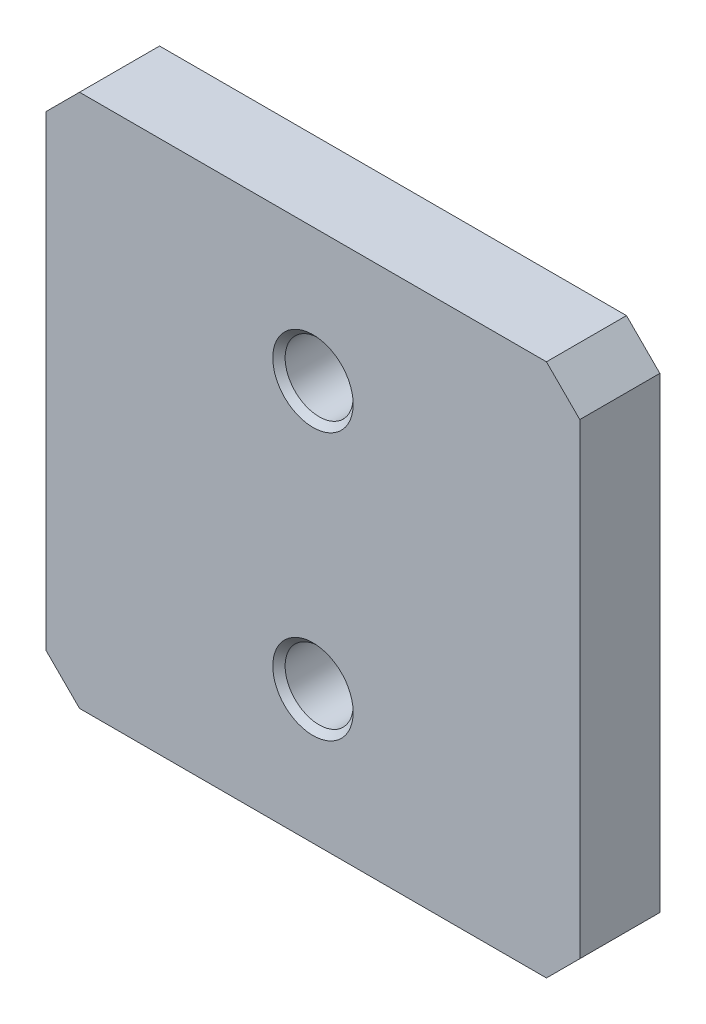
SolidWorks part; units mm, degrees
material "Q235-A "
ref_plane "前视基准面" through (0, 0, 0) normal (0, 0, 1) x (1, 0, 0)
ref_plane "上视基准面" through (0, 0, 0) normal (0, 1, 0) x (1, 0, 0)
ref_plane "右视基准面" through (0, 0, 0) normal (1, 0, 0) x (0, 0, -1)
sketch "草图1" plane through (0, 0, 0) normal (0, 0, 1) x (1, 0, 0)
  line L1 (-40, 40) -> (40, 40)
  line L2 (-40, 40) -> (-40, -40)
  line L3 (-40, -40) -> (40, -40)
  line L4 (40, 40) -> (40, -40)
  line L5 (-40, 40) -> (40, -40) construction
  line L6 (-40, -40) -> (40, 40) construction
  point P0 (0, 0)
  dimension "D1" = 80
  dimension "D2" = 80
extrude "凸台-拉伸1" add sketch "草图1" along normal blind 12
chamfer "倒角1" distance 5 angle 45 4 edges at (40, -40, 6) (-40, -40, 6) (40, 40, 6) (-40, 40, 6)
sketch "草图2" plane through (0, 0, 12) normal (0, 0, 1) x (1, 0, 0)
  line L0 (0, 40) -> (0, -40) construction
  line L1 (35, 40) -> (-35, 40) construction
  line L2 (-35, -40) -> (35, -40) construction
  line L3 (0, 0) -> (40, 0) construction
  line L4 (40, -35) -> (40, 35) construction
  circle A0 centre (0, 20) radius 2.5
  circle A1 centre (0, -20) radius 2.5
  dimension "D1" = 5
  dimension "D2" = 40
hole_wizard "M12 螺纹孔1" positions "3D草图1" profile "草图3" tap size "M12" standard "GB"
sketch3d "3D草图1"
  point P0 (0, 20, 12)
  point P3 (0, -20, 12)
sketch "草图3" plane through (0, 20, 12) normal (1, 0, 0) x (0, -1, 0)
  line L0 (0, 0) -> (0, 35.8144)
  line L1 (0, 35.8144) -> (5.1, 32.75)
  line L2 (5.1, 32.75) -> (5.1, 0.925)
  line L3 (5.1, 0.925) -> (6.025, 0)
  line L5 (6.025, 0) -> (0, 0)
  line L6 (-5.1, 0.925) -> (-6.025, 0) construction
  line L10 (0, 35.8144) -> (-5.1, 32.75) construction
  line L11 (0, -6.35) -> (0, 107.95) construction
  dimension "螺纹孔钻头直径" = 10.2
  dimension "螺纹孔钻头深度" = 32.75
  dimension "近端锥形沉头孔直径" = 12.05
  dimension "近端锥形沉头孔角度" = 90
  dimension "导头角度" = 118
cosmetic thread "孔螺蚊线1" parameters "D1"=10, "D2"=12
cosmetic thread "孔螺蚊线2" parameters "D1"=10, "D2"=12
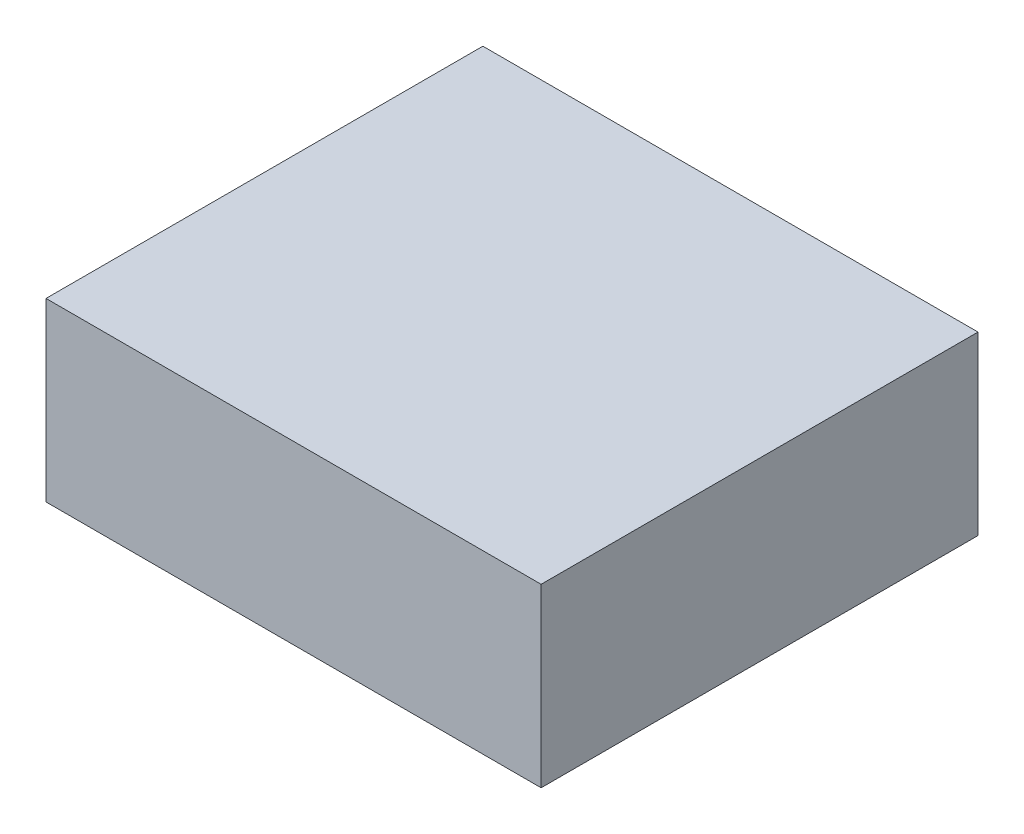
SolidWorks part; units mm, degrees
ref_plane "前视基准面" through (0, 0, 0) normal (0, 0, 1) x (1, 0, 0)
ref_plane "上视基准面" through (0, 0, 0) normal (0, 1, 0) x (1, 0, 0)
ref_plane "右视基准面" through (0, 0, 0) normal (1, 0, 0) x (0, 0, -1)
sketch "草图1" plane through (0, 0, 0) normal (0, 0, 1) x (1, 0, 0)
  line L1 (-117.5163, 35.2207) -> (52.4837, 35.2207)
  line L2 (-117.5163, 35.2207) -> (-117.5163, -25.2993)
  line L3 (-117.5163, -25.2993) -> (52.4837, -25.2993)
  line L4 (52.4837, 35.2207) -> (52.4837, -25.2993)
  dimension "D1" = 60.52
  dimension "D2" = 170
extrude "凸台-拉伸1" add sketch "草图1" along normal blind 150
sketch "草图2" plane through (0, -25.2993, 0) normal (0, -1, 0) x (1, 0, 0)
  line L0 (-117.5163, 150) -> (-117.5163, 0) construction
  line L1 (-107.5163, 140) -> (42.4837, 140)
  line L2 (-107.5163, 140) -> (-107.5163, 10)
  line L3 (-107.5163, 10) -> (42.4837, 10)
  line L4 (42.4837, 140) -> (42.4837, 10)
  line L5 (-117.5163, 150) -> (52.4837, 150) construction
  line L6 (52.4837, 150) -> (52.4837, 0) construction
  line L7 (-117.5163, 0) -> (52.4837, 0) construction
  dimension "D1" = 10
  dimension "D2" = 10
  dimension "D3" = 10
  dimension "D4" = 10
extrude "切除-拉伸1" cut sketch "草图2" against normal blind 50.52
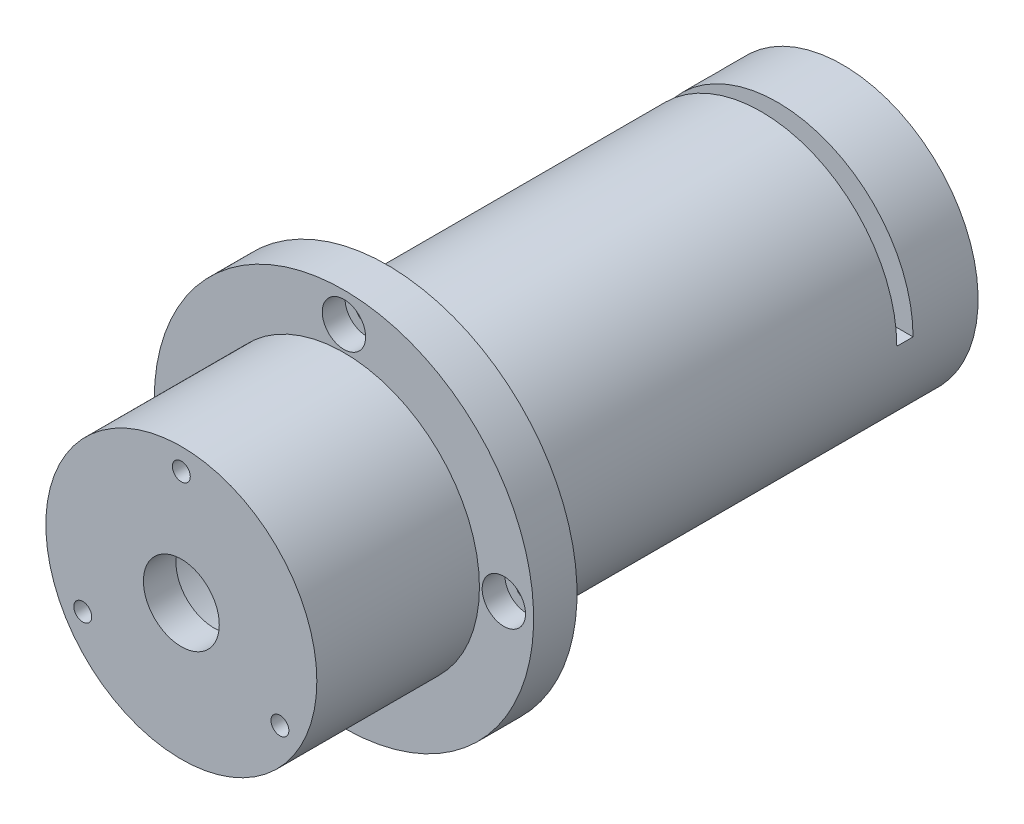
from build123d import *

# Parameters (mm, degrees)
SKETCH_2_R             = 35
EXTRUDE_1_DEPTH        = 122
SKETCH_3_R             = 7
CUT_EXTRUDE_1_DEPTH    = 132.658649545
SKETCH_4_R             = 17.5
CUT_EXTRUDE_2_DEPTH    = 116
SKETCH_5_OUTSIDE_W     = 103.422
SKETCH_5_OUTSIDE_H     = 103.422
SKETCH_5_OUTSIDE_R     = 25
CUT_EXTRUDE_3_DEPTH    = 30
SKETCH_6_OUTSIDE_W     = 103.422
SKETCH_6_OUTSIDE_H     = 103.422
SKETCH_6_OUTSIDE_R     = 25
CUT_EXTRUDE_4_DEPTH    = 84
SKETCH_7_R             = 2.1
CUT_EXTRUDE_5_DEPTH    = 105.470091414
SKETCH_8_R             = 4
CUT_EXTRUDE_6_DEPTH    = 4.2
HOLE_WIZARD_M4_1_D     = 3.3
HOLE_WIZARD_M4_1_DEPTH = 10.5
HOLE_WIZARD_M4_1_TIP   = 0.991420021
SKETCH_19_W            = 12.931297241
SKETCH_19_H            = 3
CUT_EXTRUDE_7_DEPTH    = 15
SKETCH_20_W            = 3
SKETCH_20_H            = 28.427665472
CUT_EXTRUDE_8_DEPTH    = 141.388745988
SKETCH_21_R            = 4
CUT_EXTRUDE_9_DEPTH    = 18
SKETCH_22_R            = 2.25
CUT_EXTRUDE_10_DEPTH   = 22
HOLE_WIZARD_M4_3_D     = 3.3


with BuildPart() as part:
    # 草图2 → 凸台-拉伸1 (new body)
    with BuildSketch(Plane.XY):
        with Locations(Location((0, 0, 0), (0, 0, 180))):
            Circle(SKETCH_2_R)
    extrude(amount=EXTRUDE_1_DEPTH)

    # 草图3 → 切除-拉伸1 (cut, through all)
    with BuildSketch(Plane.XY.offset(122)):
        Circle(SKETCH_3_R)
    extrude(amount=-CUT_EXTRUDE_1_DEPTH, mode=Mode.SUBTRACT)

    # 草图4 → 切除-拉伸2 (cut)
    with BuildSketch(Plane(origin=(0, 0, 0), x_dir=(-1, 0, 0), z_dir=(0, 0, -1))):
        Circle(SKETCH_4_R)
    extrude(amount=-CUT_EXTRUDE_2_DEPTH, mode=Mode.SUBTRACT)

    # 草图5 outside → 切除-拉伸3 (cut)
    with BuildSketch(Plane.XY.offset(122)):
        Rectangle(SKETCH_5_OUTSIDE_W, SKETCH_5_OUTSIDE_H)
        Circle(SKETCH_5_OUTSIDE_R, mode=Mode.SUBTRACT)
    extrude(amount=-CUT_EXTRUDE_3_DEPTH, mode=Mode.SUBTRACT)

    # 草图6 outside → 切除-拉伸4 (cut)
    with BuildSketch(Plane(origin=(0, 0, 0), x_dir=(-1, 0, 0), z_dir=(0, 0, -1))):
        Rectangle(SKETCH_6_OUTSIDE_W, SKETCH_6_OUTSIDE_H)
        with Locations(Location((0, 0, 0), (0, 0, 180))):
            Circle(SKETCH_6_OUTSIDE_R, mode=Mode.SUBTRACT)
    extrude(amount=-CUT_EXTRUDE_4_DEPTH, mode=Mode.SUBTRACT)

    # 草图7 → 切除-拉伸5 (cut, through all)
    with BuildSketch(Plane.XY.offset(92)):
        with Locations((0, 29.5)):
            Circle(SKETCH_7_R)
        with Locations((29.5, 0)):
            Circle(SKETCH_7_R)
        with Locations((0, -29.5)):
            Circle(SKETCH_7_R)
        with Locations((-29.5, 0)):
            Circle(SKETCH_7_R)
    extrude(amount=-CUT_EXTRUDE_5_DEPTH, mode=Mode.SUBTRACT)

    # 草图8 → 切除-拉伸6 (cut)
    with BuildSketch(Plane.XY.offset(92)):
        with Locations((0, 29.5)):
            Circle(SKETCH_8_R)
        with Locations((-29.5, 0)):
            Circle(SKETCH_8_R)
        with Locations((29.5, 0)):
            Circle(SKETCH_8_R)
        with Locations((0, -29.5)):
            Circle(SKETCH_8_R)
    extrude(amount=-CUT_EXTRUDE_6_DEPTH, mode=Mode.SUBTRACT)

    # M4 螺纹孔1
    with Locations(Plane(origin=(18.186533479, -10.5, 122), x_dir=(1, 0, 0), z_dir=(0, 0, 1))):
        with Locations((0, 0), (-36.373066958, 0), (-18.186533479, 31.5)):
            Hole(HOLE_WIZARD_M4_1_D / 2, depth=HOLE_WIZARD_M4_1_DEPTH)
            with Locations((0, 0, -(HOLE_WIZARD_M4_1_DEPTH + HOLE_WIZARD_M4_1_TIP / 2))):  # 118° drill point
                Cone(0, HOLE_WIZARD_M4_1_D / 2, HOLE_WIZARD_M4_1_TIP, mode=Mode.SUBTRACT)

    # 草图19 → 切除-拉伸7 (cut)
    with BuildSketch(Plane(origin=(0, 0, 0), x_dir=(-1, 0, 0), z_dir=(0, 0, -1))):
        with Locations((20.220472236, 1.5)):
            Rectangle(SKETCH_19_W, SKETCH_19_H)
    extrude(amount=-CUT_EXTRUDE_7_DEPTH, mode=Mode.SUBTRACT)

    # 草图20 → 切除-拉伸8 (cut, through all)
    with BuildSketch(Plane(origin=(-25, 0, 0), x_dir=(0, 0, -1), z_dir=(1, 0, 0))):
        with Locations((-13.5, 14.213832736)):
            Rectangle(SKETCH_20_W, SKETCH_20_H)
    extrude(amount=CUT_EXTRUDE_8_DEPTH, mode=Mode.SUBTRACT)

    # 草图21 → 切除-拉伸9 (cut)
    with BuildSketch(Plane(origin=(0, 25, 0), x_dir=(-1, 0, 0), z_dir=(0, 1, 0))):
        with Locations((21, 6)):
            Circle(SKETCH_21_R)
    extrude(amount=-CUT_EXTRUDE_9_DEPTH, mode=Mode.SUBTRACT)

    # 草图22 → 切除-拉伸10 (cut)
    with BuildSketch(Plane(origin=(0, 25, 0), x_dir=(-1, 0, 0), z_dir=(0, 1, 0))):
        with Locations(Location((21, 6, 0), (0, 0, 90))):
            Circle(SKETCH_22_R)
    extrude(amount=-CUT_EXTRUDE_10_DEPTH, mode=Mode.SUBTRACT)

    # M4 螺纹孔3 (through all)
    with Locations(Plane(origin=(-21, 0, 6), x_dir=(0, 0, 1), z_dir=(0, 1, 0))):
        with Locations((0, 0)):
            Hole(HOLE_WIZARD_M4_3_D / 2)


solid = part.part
============================================================
- _What you should do_: Could the lines from the first entry through the line that contains "(-40, 40, 6)" be copied exactly, with all pictures left out?

- _Output of the exercise_:
SolidWorks part; units mm, degrees
material "Q235-A "
ref_plane "前视基准面" through (0, 0, 0) normal (0, 0, 1) x (1, 0, 0)
ref_plane "上视基准面" through (0, 0, 0) normal (0, 1, 0) x (1, 0, 0)
ref_plane "右视基准面" through (0, 0, 0) normal (1, 0, 0) x (0, 0, -1)
sketch "草图1" plane through (0, 0, 0) normal (0, 0, 1) x (1, 0, 0)
  line L1 (-40, 40) -> (40, 40)
  line L2 (-40, 40) -> (-40, -40)
  line L3 (-40, -40) -> (40, -40)
  line L4 (40, 40) -> (40, -40)
  line L5 (-40, 40) -> (40, -40) construction
  line L6 (-40, -40) -> (40, 40) construction
  point P0 (0, 0)
  dimension "D1" = 80
  dimension "D2" = 80
extrude "凸台-拉伸1" add sketch "草图1" along normal blind 12
chamfer "倒角1" distance 5 angle 45 4 edges at (40, -40, 6) (-40, -40, 6) (40, 40, 6) (-40, 40, 6)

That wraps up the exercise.